:: YOUR TASK ::
Every line holding "Plane" should be copied from the records below.

:: DATASET ENTRIES ::
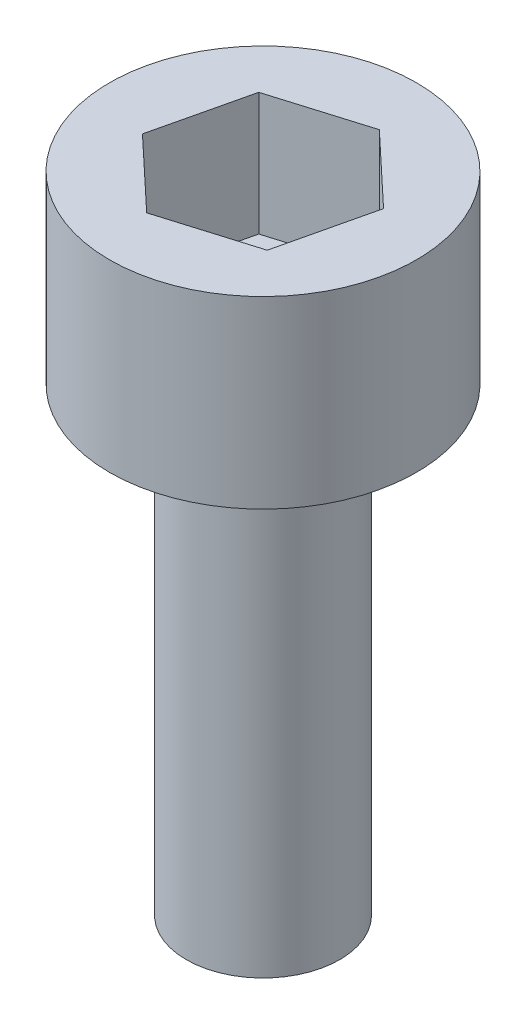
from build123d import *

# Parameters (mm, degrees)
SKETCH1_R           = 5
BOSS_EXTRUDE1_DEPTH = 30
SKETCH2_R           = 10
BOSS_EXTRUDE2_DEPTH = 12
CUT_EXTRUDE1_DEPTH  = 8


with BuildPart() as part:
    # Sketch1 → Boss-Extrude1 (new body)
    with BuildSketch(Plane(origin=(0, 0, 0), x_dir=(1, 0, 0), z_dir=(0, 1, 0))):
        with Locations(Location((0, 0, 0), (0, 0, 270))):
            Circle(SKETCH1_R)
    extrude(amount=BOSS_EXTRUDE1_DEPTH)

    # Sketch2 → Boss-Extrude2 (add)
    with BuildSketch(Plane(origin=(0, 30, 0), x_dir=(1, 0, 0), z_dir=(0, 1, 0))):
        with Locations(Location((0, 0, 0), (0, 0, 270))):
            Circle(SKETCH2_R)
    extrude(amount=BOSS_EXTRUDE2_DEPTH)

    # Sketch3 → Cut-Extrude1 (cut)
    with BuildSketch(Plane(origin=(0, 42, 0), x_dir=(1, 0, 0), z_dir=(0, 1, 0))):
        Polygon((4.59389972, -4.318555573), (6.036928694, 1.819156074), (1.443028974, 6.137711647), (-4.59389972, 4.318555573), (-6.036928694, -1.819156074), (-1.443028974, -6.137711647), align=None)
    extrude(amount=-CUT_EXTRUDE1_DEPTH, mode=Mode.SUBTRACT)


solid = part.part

:: RESULT OF THE TASK ::
    with BuildSketch(Plane(origin=(0, 0, 0), x_dir=(1, 0, 0), z_dir=(0, 1, 0))):
    with BuildSketch(Plane(origin=(0, 30, 0), x_dir=(1, 0, 0), z_dir=(0, 1, 0))):
    with BuildSketch(Plane(origin=(0, 42, 0), x_dir=(1, 0, 0), z_dir=(0, 1, 0))):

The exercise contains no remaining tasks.